For the records below, print the lines from the line with "p14 = place(p13, frame((1.2, 0.0, 0.0)))" through the line with "p17 = place(p16, frame((2.724, 0.0, 0.4)))" exactly as written; include both end lines and exclude the rest.

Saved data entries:
Content starts

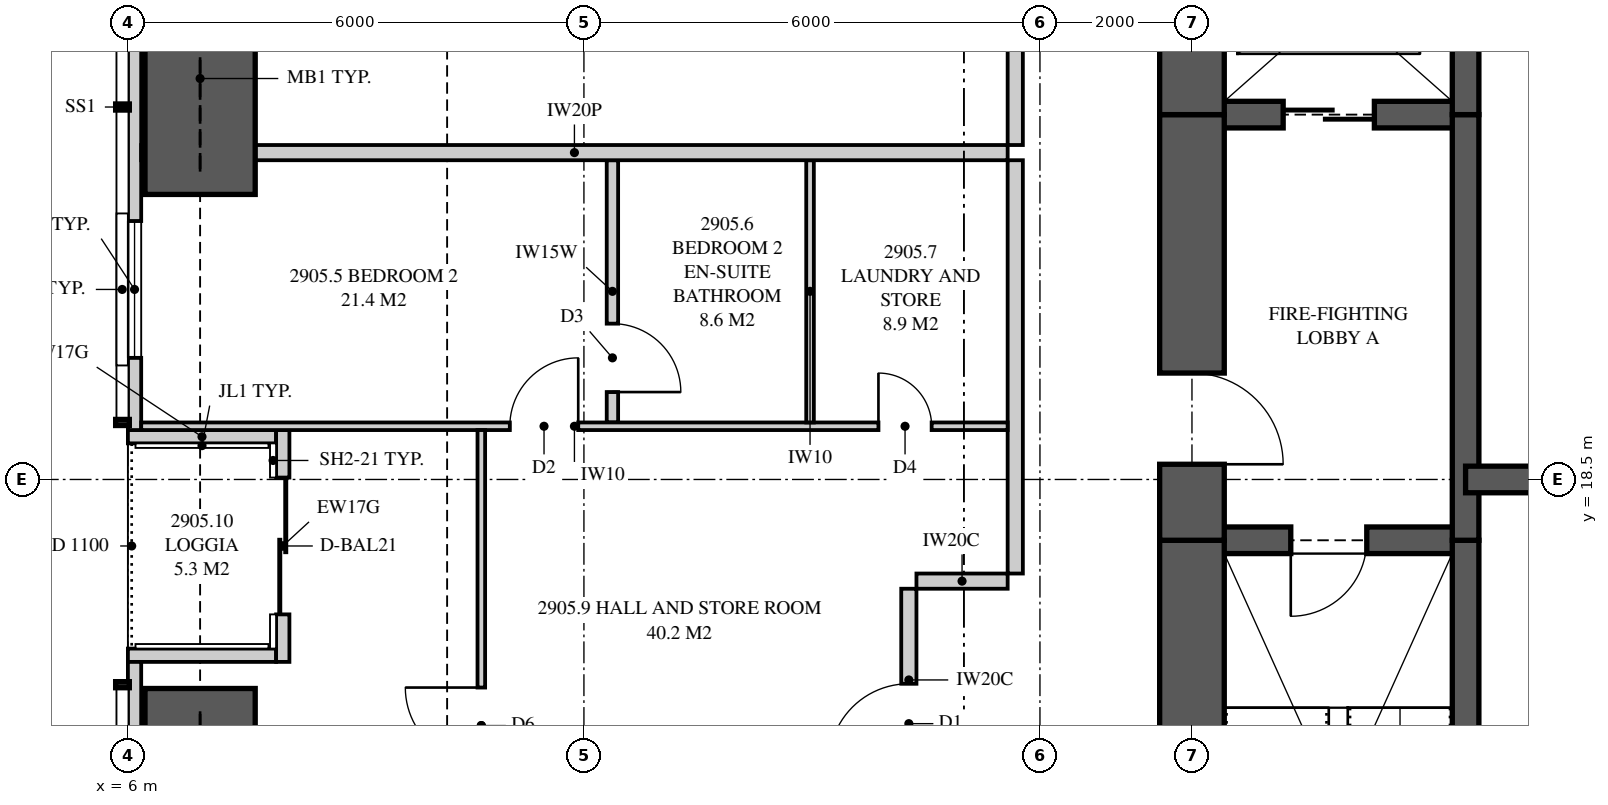
"""IFC4 building model, lengths in metres.
Left out: names, types, materials, properties, quantities, classifications, styles, units other than length and angle.
Written with IfcOpenShell. Run it as: python <this file> out.ifc"""

import sys

from ifc_helpers import new_model, si_unit, direction, frame, frame_2d, origin, place, context, subcontext, project, spatial, polyline, rectangle, outline, extrude, element, fill, save


model = new_model("IFC4")
c1 = context("Model", 3, precision=1e-05, world=origin(), true_north=direction((0.0, 1.0)))
c2 = subcontext(c1, "Body", "Model", "MODEL_VIEW")
j1 = project(units=[si_unit("LENGTHUNIT", "METRE"), si_unit("PLANEANGLEUNIT", "RADIAN")], contexts=[c1])
p1 = place(None, origin())
s1 = spatial("IfcSite", under=j1, at=p1, CompositionType="ELEMENT")
p2 = place(p1, origin())
s2 = spatial("IfcBuilding", under=s1, at=p2, CompositionType="ELEMENT")
p3 = place(p2, frame((0.0, 0.0, 108.2)))
s3 = spatial("IfcBuildingStorey", under=s2, at=p3, CompositionType="ELEMENT", Elevation=108.2)
p4 = place(p3, frame((20.0, 26.125, 0.0), z_axis=(0.0, 0.0, 1.0), x_axis=(0.0, -1.0, 0.0)))
e1 = element("IfcWall", 1, at=p4, inside=s3, PredefinedType="SHEAR", context=c2, shape_type="SweptSolid", body=[
    extrude(rectangle(XDim=2.825, YDim=0.85, at=frame_2d((1.413, 0.0))), origin(), (0.0, 0.0, 1.0), 3.35),
])
p5 = place(p3, frame((20.0, 23.3, 0.0), z_axis=(0.0, 0.0, 1.0), x_axis=(0.0, -1.0, 0.0)))
e2 = element("IfcWall", 2, at=p5, inside=s3, PredefinedType="SHEAR", context=c2, shape_type="SweptSolid", body=[
    extrude(rectangle(XDim=5.6, YDim=0.85, at=frame_2d((2.8, 0.0))), origin(), (0.0, 0.0, 1.0), 3.35),
])
p6 = place(p5, frame((3.4, 0.0, 0.0)))
e3 = element("IfcOpeningElement", 3, at=p6, cuts=e2, PredefinedType="OPENING", context=c2, shape_type="SweptSolid", body=[
    extrude(rectangle(XDim=1.2, YDim=2.2, at=frame_2d((0.6, 1.1))), frame((0.0, 0.435, 0.0), z_axis=(0.0, -1.0, 0.0), x_axis=(1.0, 0.0, 0.0)), (0.0, 0.0, 1.0), 0.87),
])
p7 = place(p3, frame((20.0, 17.7, 0.0), z_axis=(0.0, 0.0, 1.0), x_axis=(0.0, -1.0, 0.0)))
e4 = element("IfcWall", 4, at=p7, inside=s3, PredefinedType="SHEAR", context=c2, shape_type="SweptSolid", body=[
    extrude(rectangle(XDim=4.7, YDim=0.85, at=frame_2d((2.35, 0.0))), origin(), (0.0, 0.0, 1.0), 3.35),
])
p8 = place(p3, frame((23.6, 10.875, 0.0), z_axis=(0.0, 0.0, 1.0), x_axis=(0.0, 1.0, 0.0)))
e5 = element("IfcWall", 5, at=p8, inside=s3, PredefinedType="SHEAR", context=c2, shape_type="SweptSolid", body=[
    extrude(rectangle(XDim=6.825, YDim=0.35, at=frame_2d((3.413, 0.0))), origin(), (0.0, 0.0, 1.0), 3.35),
])
p9 = place(p3, frame((23.6, 17.7, 0.0), z_axis=(0.0, 0.0, 1.0), x_axis=(0.0, 1.0, 0.0)))
e6 = element("IfcWall", 6, at=p9, inside=s3, PredefinedType="SHEAR", context=c2, shape_type="SweptSolid", body=[
    extrude(rectangle(XDim=5.6, YDim=0.35, at=frame_2d((2.8, 0.0))), origin(), (0.0, 0.0, 1.0), 3.35),
])
p10 = place(p3, frame((23.6, 23.3, 0.0), z_axis=(0.0, 0.0, 1.0), x_axis=(0.0, 1.0, 0.0)))
e7 = element("IfcWall", 7, at=p10, inside=s3, PredefinedType="SHEAR", context=c2, shape_type="SweptSolid", body=[
    extrude(rectangle(XDim=2.825, YDim=0.35, at=frame_2d((1.413, 0.0))), origin(), (0.0, 0.0, 1.0), 3.35),
])
p11 = place(p3, frame((20.0, 17.7, 0.0), z_axis=(0.0, 0.0, 1.0), x_axis=(1.0, 0.0, 0.0)))
e8 = element("IfcWall", 8, at=p11, inside=s3, PredefinedType="SHEAR", context=c2, shape_type="SweptSolid", body=[
    extrude(rectangle(XDim=3.6, YDim=0.35, at=frame_2d((1.8, 0.0))), origin(), (0.0, 0.0, 1.0), 3.35),
])
p12 = place(p11, frame((1.3, 0.0, 0.0)))
e9 = element("IfcOpeningElement", 9, at=p12, cuts=e8, PredefinedType="OPENING", context=c2, shape_type="SweptSolid", body=[
    extrude(rectangle(XDim=1.0, YDim=2.1, at=frame_2d((0.5, 1.05))), frame((0.0, 0.185, 0.0), z_axis=(0.0, -1.0, 0.0), x_axis=(1.0, 0.0, 0.0)), (0.0, 0.0, 1.0), 0.37),
])
p13 = place(p3, frame((20.0, 23.3, 0.0), z_axis=(0.0, 0.0, 1.0), x_axis=(1.0, 0.0, 0.0)))
e10 = element("IfcWall", 10, at=p13, inside=s3, PredefinedType="SHEAR", context=c2, shape_type="SweptSolid", body=[
    extrude(rectangle(XDim=3.6, YDim=0.35, at=frame_2d((1.8, 0.0))), origin(), (0.0, 0.0, 1.0), 3.35),
])
p14 = place(p13, frame((1.2, 0.0, 0.0)))
e11 = element("IfcOpeningElement", 11, at=p14, cuts=e10, PredefinedType="OPENING", context=c2, shape_type="SweptSolid", body=[
    extrude(rectangle(XDim=1.2, YDim=2.1, at=frame_2d((0.6, 1.05))), frame((0.0, 0.185, 0.0), z_axis=(0.0, -1.0, 0.0), x_axis=(1.0, 0.0, 0.0)), (0.0, 0.0, 1.0), 0.37),
])
p15 = place(p3, frame((23.6, 18.5, 0.0), z_axis=(0.0, 0.0, 1.0), x_axis=(1.0, 0.0, 0.0)))
e12 = element("IfcWall", 12, at=p15, inside=s3, PredefinedType="SHEAR", context=c2, shape_type="SweptSolid", body=[
    extrude(rectangle(XDim=2.4, YDim=0.35, at=frame_2d((1.2, 0.0))), origin(), (0.0, 0.0, 1.0), 3.35),
])
p16 = place(p3, frame((6.087, 34.949, 0.0), z_axis=(0.0, 0.0, 1.0), x_axis=(0.0, -1.0, 0.0)))
e13 = element("IfcWall", 13, at=p16, inside=s3, PredefinedType="SOLIDWALL", context=c2, shape_type="SweptSolid", body=[
    extrude(outline(polyline([(0.0, 0.0), (15.799, 0.0), (15.799, 2.15), (9.949, 2.15), (9.949, 3.11), (9.823, 3.11), (9.823, 2.15), (9.73, 2.15), (9.73, 3.11), (0.0, 3.11), (0.0, 0.0)])), frame((0.0, 0.087, 0.0), z_axis=(0.0, -1.0, 0.0), x_axis=(1.0, 0.0, 0.0)), (0.0, 0.0, 1.0), 0.175),
])
p17 = place(p16, frame((2.724, 0.0, 0.4)))
e14 = element("IfcOpeningElement", 14, at=p17, cuts=e13, PredefinedType="OPENING", context=c2, shape_type="SweptSolid", body=[
    extrude(rectangle(XDim=1.8, YDim=1.7, at=frame_2d((0.9, 0.85))), frame((0.0, 0.097, 0.0), z_axis=(0.0, -1.0, 0.0), x_axis=(1.0, 0.0, 0.0)), (0.0, 0.0, 1.0), 0.195),
])
p18 = place(p16, frame((5.899, 0.0, 0.4)))
e15 = element("IfcOpeningElement", 15, at=p18, cuts=e13, PredefinedType="OPENING", context=c2, shape_type="SweptSolid", body=[
    extrude(rectangle(XDim=1.2, YDim=1.7, at=frame_2d((0.6, 0.85))), frame((0.0, 0.097, 0.0), z_axis=(0.0, -1.0, 0.0), x_axis=(1.0, 0.0, 0.0)), (0.0, 0.0, 1.0), 0.195),
])
p19 = place(p16, frame((13.049, 0.0, 0.4)))
e16 = element("IfcOpeningElement", 16, at=p19, cuts=e13, PredefinedType="OPENING", context=c2, shape_type="SweptSolid", body=[
    extrude(rectangle(XDim=1.8, YDim=1.7, at=frame_2d((0.9, 0.85))), frame((0.0, 0.097, 0.0), z_axis=(0.0, -1.0, 0.0), x_axis=(1.0, 0.0, 0.0)), (0.0, 0.0, 1.0), 0.195),
])
p20 = place(p3, frame((6.087, 16.1, 0.0), z_axis=(0.0, 0.0, 1.0), x_axis=(0.0, -1.0, 0.0)))
e17 = element("IfcWall", 17, at=p20, inside=s3, PredefinedType="SOLIDWALL", context=c2, shape_type="SweptSolid", body=[
    extrude(outline(polyline([(0.0, 0.0), (13.049, 0.0), (13.049, 3.11), (3.319, 3.11), (3.319, 2.15), (3.226, 2.15), (3.226, 3.11), (3.1, 3.11), (3.1, 2.15), (0.0, 2.15), (0.0, 0.0)])), frame((0.0, 0.087, 0.0), z_axis=(0.0, -1.0, 0.0), x_axis=(1.0, 0.0, 0.0)), (0.0, 0.0, 1.0), 0.175),
])
p21 = place(p20, frame((5.975, 0.0, 0.4)))
e18 = element("IfcOpeningElement", 18, at=p21, cuts=e17, PredefinedType="OPENING", context=c2, shape_type="SweptSolid", body=[
    extrude(rectangle(XDim=1.8, YDim=1.7, at=frame_2d((0.9, 0.85))), frame((0.0, 0.097, 0.0), z_axis=(0.0, -1.0, 0.0), x_axis=(1.0, 0.0, 0.0)), (0.0, 0.0, 1.0), 0.195),
])
p22 = place(p20, frame((9.025, 0.0, 0.4)))
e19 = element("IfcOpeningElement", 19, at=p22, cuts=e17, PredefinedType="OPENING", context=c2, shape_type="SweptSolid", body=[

Content ends

Output of the task:
p14 = place(p13, frame((1.2, 0.0, 0.0)))
e11 = element("IfcOpeningElement", 11, at=p14, cuts=e10, PredefinedType="OPENING", context=c2, shape_type="SweptSolid", body=[
    extrude(rectangle(XDim=1.2, YDim=2.1, at=frame_2d((0.6, 1.05))), frame((0.0, 0.185, 0.0), z_axis=(0.0, -1.0, 0.0), x_axis=(1.0, 0.0, 0.0)), (0.0, 0.0, 1.0), 0.37),
])
p15 = place(p3, frame((23.6, 18.5, 0.0), z_axis=(0.0, 0.0, 1.0), x_axis=(1.0, 0.0, 0.0)))
e12 = element("IfcWall", 12, at=p15, inside=s3, PredefinedType="SHEAR", context=c2, shape_type="SweptSolid", body=[
    extrude(rectangle(XDim=2.4, YDim=0.35, at=frame_2d((1.2, 0.0))), origin(), (0.0, 0.0, 1.0), 3.35),
])
p16 = place(p3, frame((6.087, 34.949, 0.0), z_axis=(0.0, 0.0, 1.0), x_axis=(0.0, -1.0, 0.0)))
e13 = element("IfcWall", 13, at=p16, inside=s3, PredefinedType="SOLIDWALL", context=c2, shape_type="SweptSolid", body=[
    extrude(outline(polyline([(0.0, 0.0), (15.799, 0.0), (15.799, 2.15), (9.949, 2.15), (9.949, 3.11), (9.823, 3.11), (9.823, 2.15), (9.73, 2.15), (9.73, 3.11), (0.0, 3.11), (0.0, 0.0)])), frame((0.0, 0.087, 0.0), z_axis=(0.0, -1.0, 0.0), x_axis=(1.0, 0.0, 0.0)), (0.0, 0.0, 1.0), 0.175),
])
p17 = place(p16, frame((2.724, 0.0, 0.4)))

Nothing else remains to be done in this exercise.